**What is required:**
The response must consist of the lines below from the one with "#99=ORIENTED_EDGE('',*,*,#98,.F.);" through the one with "#119=LINE('',#116,#118);", exactly as they appear and with both ends kept.

**Source records:**
══════════════════════════════

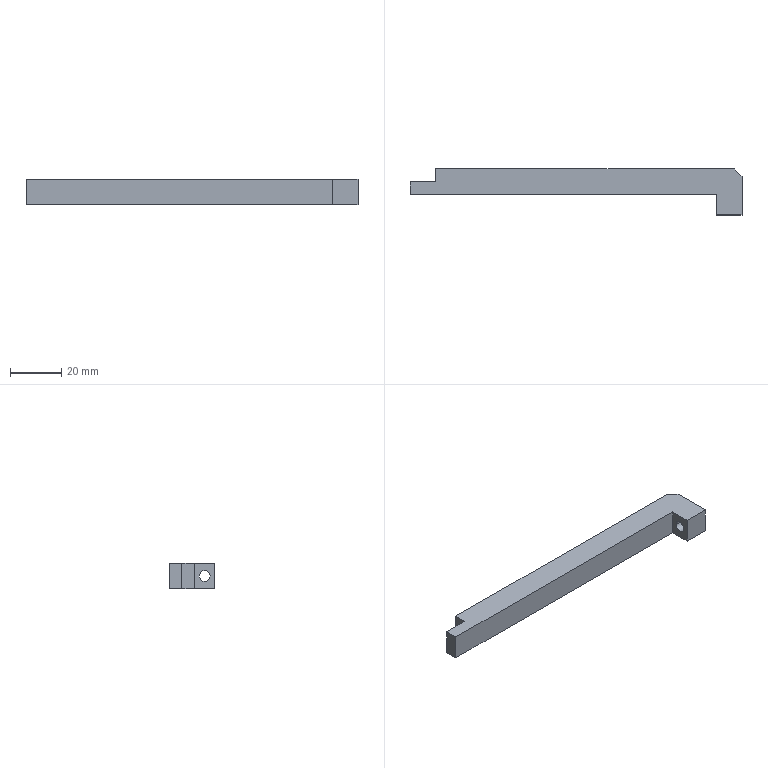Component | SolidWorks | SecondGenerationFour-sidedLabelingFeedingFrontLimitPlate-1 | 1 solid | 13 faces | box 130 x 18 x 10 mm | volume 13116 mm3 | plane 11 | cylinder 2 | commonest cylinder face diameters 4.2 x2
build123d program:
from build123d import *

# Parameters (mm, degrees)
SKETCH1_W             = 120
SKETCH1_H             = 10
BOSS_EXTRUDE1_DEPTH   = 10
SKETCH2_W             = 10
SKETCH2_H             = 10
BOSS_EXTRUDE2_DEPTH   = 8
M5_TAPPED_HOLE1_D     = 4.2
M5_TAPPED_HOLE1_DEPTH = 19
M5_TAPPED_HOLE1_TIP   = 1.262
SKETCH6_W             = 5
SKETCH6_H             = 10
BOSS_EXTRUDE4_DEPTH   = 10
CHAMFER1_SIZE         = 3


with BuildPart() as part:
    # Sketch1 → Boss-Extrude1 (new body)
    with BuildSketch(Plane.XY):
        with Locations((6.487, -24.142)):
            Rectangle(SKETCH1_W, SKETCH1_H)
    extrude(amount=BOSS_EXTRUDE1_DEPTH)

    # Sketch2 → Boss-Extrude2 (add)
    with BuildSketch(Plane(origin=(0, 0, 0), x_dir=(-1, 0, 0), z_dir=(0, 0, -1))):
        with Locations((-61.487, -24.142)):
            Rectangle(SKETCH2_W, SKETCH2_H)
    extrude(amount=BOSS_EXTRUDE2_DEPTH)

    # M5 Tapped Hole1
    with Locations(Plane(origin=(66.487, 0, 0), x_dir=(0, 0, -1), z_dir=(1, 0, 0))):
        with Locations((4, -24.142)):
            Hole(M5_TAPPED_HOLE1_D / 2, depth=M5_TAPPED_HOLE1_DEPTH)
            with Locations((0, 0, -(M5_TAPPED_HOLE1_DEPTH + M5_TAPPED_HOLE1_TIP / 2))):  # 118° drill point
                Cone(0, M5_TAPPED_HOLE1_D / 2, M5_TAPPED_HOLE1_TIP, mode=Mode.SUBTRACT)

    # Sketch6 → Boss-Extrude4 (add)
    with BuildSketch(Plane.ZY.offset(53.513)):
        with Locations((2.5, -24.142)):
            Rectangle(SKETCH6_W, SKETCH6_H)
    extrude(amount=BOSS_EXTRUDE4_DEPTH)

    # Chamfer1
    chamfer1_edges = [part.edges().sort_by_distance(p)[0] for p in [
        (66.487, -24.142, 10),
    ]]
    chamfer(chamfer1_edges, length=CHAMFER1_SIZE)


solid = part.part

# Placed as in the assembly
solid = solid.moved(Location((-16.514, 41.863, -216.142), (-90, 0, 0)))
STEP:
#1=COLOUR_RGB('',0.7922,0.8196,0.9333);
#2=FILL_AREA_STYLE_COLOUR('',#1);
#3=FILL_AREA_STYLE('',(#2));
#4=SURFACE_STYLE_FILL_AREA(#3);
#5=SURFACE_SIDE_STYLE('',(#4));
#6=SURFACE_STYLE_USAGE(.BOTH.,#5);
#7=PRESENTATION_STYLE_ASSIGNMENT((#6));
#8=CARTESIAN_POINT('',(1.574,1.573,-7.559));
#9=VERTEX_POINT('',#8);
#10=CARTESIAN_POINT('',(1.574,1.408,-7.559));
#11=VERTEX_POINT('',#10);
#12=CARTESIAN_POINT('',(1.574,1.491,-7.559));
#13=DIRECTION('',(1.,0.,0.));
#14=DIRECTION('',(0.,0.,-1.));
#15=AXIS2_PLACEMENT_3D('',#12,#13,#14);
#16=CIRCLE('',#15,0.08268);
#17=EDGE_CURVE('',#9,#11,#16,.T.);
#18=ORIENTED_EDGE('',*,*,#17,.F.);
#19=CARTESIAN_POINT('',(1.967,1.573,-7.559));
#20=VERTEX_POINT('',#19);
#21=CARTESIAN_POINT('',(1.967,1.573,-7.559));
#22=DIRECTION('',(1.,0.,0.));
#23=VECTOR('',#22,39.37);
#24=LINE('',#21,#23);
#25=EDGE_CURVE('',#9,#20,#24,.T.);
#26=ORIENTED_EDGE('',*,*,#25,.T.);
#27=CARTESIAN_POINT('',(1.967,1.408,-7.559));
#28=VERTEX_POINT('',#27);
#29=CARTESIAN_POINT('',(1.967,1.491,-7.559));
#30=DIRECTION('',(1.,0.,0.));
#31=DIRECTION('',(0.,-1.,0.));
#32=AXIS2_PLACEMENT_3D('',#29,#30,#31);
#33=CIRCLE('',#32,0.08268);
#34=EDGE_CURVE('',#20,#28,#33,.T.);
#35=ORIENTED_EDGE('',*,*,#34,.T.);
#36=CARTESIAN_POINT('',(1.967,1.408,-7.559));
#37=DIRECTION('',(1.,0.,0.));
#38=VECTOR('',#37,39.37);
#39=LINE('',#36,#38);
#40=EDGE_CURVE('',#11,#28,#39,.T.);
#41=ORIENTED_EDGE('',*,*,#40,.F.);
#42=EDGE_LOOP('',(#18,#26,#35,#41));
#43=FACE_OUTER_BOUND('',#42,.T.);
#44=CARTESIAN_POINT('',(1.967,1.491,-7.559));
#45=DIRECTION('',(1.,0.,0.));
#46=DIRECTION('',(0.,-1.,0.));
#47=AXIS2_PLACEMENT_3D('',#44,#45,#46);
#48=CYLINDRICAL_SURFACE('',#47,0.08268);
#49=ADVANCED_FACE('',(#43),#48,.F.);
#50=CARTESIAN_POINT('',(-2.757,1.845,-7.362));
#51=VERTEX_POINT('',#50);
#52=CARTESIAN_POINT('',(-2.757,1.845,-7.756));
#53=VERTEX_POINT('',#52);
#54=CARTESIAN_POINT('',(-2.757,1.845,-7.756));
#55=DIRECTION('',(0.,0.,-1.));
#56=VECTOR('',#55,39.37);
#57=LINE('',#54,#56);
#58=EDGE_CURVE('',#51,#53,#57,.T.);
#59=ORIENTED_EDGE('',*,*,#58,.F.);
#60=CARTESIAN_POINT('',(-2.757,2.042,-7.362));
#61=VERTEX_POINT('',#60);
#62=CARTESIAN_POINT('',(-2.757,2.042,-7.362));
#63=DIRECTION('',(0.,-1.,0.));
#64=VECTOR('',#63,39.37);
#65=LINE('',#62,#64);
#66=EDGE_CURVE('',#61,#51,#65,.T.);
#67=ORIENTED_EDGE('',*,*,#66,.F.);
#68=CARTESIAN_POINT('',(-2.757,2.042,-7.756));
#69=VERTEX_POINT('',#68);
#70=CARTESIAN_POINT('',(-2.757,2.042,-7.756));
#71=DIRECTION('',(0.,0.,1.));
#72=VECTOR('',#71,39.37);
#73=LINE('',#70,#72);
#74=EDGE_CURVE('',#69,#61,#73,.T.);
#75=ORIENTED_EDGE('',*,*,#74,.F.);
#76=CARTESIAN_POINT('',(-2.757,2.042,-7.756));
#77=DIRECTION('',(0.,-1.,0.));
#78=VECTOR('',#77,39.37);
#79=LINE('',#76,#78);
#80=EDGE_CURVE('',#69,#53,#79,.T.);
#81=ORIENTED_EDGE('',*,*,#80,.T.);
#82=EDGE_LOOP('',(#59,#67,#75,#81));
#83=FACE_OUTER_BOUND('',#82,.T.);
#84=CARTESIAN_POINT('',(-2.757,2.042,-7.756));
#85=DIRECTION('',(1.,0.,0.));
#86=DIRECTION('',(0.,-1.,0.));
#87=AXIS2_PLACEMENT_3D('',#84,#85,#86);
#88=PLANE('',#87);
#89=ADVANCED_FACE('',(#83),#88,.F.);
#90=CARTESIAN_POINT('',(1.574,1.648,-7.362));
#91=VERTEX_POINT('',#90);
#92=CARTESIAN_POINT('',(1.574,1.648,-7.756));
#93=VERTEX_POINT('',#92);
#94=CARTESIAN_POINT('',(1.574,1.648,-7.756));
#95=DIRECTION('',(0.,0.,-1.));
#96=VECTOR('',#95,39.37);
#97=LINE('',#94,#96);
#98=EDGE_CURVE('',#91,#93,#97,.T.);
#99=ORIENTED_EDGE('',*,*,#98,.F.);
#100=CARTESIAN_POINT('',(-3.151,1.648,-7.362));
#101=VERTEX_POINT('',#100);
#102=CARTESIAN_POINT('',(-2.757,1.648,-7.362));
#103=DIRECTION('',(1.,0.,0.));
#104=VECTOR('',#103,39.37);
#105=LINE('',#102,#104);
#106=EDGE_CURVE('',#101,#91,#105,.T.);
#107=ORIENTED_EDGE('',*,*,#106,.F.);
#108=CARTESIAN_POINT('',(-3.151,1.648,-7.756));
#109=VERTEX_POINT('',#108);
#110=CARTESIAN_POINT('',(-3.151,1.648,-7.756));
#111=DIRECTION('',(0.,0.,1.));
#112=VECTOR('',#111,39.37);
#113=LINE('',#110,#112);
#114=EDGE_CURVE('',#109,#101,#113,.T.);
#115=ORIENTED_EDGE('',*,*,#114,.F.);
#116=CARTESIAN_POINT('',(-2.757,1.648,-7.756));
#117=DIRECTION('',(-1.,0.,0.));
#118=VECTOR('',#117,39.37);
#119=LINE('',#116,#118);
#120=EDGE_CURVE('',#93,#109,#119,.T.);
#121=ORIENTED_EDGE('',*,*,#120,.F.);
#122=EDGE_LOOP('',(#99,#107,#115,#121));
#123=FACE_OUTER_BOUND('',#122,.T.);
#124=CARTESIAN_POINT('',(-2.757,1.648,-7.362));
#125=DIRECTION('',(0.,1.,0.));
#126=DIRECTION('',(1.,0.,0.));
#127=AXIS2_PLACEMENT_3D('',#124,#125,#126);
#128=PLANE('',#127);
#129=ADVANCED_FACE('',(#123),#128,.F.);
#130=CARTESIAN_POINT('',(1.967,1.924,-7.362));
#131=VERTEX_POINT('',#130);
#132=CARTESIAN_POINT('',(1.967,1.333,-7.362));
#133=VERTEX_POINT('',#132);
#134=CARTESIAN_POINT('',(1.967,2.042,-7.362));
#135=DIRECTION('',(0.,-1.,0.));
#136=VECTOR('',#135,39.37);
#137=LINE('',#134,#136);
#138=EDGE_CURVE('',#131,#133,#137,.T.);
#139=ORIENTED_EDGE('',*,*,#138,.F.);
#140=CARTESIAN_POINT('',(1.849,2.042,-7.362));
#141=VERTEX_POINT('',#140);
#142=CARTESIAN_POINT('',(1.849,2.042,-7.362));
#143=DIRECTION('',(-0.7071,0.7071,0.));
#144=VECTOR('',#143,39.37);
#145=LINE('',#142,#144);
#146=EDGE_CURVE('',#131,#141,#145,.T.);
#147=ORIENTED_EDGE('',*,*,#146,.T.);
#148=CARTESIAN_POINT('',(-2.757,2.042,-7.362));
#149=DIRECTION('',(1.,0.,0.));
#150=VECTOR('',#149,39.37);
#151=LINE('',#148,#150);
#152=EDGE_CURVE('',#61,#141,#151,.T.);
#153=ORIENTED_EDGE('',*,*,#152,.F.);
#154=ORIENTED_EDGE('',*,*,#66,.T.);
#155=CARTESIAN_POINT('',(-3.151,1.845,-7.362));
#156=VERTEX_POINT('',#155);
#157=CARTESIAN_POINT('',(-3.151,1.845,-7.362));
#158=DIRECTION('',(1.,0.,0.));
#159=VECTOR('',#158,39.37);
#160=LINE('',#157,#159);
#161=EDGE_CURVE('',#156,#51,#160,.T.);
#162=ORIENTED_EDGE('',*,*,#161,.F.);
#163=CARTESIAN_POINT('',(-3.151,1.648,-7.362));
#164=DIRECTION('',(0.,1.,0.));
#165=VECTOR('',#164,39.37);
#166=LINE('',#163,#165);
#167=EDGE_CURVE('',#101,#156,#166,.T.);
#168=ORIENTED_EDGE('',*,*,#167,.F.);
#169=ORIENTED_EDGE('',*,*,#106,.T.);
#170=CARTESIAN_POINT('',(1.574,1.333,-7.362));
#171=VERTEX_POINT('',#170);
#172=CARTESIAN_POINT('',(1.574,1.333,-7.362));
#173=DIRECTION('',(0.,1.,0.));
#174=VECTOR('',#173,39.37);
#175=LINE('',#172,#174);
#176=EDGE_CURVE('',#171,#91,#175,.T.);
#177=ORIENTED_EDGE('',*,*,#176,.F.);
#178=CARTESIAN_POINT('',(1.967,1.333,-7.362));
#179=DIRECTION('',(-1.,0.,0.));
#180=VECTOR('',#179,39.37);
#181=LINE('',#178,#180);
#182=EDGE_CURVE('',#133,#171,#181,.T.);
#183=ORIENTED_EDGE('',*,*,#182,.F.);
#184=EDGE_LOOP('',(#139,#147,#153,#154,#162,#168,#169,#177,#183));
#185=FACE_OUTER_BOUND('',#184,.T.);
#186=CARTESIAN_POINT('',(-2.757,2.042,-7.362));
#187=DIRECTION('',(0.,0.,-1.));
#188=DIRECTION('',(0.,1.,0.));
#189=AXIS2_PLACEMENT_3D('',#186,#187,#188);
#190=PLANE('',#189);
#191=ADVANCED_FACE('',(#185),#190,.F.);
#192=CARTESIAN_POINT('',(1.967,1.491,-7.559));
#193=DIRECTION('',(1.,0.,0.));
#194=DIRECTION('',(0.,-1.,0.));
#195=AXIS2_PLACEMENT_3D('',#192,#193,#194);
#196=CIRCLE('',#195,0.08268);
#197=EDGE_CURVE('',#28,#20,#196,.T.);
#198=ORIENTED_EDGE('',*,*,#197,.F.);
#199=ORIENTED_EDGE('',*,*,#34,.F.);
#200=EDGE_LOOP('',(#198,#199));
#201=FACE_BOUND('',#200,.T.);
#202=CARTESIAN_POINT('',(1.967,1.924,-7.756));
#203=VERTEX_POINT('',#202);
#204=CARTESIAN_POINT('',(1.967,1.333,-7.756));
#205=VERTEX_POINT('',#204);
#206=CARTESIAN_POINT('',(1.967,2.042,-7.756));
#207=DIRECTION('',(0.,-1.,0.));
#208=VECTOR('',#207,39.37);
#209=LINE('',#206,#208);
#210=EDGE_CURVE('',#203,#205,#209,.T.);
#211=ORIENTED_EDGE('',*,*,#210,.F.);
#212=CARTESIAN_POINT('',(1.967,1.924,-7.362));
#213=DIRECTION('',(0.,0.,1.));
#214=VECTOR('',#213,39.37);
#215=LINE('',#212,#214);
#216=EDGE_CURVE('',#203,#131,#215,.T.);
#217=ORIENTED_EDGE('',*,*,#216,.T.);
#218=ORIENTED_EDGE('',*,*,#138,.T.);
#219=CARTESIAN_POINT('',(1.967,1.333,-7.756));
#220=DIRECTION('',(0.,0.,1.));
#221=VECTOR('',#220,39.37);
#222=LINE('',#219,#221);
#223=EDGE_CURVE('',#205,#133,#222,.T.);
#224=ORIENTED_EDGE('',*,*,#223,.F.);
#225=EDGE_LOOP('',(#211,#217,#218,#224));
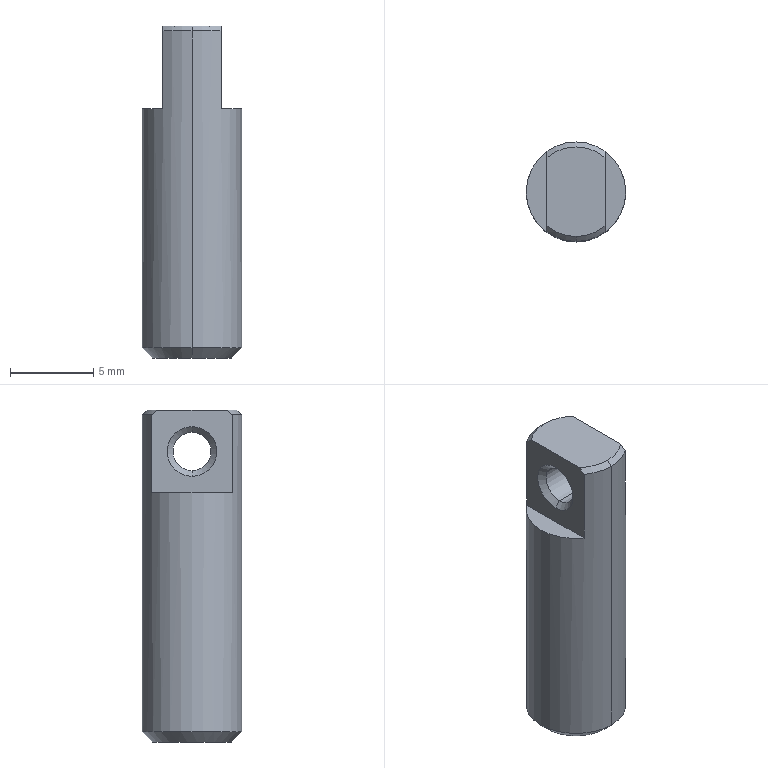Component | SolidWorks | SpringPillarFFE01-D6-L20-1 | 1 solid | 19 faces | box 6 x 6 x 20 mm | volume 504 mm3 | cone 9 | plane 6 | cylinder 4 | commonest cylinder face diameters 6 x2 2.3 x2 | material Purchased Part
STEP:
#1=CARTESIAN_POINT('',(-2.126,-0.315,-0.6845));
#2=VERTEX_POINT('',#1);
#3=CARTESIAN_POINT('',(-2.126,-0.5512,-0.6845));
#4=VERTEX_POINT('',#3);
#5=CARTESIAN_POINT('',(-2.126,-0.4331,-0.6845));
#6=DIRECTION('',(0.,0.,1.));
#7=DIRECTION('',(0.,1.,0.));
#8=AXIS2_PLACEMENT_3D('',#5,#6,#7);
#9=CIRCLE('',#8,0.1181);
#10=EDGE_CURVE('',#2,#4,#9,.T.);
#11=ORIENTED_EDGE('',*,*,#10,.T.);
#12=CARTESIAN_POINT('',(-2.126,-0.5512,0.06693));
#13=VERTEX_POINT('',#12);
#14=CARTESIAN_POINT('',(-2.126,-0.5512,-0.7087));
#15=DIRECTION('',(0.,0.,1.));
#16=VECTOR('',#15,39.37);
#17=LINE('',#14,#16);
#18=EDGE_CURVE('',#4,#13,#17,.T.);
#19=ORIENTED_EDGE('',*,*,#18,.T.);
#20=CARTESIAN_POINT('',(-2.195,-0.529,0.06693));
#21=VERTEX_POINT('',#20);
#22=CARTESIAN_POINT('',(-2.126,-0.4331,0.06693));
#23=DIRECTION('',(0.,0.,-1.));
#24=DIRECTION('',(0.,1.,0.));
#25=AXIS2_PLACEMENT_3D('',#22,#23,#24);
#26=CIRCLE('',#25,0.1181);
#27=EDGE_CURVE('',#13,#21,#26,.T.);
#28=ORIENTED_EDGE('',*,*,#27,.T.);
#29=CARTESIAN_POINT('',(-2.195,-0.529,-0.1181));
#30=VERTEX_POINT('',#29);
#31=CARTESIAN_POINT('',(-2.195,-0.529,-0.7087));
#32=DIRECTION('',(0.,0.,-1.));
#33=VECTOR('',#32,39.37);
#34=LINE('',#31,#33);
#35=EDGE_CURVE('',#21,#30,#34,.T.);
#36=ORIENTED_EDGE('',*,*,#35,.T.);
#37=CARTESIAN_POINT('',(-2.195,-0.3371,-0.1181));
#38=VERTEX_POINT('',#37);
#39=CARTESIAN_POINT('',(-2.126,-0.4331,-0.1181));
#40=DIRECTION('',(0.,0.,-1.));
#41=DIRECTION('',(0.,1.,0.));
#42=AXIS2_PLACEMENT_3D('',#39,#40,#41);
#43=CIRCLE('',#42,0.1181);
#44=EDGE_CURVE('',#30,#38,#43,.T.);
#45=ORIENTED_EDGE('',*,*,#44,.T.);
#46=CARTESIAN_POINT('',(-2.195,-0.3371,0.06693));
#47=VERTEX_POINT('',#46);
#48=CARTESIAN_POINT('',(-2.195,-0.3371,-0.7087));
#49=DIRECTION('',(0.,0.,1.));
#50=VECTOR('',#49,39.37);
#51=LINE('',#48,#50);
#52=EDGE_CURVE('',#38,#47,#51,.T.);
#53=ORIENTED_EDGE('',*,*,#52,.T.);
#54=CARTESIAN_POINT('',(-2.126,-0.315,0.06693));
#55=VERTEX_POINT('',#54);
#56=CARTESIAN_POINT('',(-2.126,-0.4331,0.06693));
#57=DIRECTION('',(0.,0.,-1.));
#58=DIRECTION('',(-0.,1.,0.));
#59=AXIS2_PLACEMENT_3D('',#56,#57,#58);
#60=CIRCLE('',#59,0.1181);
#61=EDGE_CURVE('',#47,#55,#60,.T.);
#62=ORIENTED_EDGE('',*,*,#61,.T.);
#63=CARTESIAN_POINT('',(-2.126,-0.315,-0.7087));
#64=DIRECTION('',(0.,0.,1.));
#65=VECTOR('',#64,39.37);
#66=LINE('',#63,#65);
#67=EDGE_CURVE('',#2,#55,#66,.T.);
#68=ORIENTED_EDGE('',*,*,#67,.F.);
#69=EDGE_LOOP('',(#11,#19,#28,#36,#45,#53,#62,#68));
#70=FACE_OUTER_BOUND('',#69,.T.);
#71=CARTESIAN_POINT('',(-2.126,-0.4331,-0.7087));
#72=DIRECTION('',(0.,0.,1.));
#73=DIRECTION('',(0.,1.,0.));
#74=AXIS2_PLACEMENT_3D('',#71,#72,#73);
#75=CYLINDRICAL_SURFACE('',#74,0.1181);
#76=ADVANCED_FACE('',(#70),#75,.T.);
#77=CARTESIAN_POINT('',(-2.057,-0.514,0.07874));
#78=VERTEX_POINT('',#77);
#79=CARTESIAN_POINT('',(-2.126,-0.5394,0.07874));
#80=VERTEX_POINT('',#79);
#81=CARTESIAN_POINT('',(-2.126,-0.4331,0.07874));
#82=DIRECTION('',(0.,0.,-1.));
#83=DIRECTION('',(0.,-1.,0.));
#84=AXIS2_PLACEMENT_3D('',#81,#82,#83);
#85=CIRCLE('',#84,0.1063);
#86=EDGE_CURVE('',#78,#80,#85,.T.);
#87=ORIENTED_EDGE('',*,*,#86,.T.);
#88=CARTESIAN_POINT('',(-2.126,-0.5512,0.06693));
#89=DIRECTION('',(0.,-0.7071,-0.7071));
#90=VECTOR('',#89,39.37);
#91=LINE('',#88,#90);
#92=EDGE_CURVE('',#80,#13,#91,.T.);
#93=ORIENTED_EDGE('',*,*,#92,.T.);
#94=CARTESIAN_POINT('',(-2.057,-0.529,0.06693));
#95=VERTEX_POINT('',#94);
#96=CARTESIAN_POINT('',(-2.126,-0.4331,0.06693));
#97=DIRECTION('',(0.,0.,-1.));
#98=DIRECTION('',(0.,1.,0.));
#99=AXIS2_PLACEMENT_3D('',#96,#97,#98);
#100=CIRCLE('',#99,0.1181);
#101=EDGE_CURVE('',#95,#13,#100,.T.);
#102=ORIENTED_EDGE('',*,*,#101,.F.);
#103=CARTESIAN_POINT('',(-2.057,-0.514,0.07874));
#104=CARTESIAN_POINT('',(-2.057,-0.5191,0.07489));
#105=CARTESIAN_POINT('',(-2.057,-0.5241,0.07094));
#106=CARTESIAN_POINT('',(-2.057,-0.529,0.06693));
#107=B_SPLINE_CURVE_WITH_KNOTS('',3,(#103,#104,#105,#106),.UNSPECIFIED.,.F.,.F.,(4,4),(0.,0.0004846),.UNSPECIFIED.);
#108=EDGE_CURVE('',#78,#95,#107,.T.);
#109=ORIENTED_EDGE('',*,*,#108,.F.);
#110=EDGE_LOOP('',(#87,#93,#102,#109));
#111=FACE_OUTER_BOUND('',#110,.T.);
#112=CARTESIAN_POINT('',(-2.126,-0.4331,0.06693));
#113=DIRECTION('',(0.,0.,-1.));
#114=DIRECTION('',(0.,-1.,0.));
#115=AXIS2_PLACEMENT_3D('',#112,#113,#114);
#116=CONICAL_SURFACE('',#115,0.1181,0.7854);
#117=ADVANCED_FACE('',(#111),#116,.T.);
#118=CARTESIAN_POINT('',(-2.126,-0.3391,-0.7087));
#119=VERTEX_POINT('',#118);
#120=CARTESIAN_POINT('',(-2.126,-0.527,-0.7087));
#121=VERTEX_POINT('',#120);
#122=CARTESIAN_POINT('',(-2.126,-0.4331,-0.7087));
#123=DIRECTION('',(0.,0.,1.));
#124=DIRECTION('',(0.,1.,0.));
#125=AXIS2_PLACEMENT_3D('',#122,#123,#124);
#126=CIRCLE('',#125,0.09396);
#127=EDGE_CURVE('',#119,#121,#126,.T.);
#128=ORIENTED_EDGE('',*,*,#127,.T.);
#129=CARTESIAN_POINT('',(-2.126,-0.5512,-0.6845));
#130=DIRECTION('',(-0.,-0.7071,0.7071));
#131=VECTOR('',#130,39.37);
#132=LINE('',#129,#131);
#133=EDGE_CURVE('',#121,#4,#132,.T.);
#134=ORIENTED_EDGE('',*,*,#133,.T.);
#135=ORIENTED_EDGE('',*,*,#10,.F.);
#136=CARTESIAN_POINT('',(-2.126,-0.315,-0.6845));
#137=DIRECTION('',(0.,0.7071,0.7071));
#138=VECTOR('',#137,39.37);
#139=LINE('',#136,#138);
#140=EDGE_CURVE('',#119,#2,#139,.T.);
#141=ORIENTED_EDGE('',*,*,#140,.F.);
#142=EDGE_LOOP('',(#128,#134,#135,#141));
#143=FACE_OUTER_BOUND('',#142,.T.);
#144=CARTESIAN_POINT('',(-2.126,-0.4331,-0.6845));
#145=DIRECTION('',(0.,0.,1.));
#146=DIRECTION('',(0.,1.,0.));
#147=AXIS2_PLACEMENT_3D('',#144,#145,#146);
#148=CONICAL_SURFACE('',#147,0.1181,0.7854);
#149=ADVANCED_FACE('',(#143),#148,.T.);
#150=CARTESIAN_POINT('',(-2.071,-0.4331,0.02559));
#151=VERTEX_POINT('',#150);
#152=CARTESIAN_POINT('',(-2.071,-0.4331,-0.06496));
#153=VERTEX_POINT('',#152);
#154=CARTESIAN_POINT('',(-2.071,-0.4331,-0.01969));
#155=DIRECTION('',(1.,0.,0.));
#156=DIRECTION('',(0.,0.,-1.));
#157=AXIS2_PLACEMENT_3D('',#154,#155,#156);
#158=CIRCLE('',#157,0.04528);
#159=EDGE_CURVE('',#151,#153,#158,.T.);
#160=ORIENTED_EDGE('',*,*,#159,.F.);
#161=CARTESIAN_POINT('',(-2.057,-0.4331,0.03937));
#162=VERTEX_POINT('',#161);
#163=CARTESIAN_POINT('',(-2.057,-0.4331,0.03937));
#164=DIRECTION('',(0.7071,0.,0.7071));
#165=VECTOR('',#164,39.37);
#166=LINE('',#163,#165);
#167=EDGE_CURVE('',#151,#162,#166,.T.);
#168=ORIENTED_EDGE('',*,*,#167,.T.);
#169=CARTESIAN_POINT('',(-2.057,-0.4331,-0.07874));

══════════════════════════════

**Written answer:**
#99=ORIENTED_EDGE('',*,*,#98,.F.);
#100=CARTESIAN_POINT('',(-3.151,1.648,-7.362));
#101=VERTEX_POINT('',#100);
#102=CARTESIAN_POINT('',(-2.757,1.648,-7.362));
#103=DIRECTION('',(1.,0.,0.));
#104=VECTOR('',#103,39.37);
#105=LINE('',#102,#104);
#106=EDGE_CURVE('',#101,#91,#105,.T.);
#107=ORIENTED_EDGE('',*,*,#106,.F.);
#108=CARTESIAN_POINT('',(-3.151,1.648,-7.756));
#109=VERTEX_POINT('',#108);
#110=CARTESIAN_POINT('',(-3.151,1.648,-7.756));
#111=DIRECTION('',(0.,0.,1.));
#112=VECTOR('',#111,39.37);
#113=LINE('',#110,#112);
#114=EDGE_CURVE('',#109,#101,#113,.T.);
#115=ORIENTED_EDGE('',*,*,#114,.F.);
#116=CARTESIAN_POINT('',(-2.757,1.648,-7.756));
#117=DIRECTION('',(-1.,0.,0.));
#118=VECTOR('',#117,39.37);
#119=LINE('',#116,#118);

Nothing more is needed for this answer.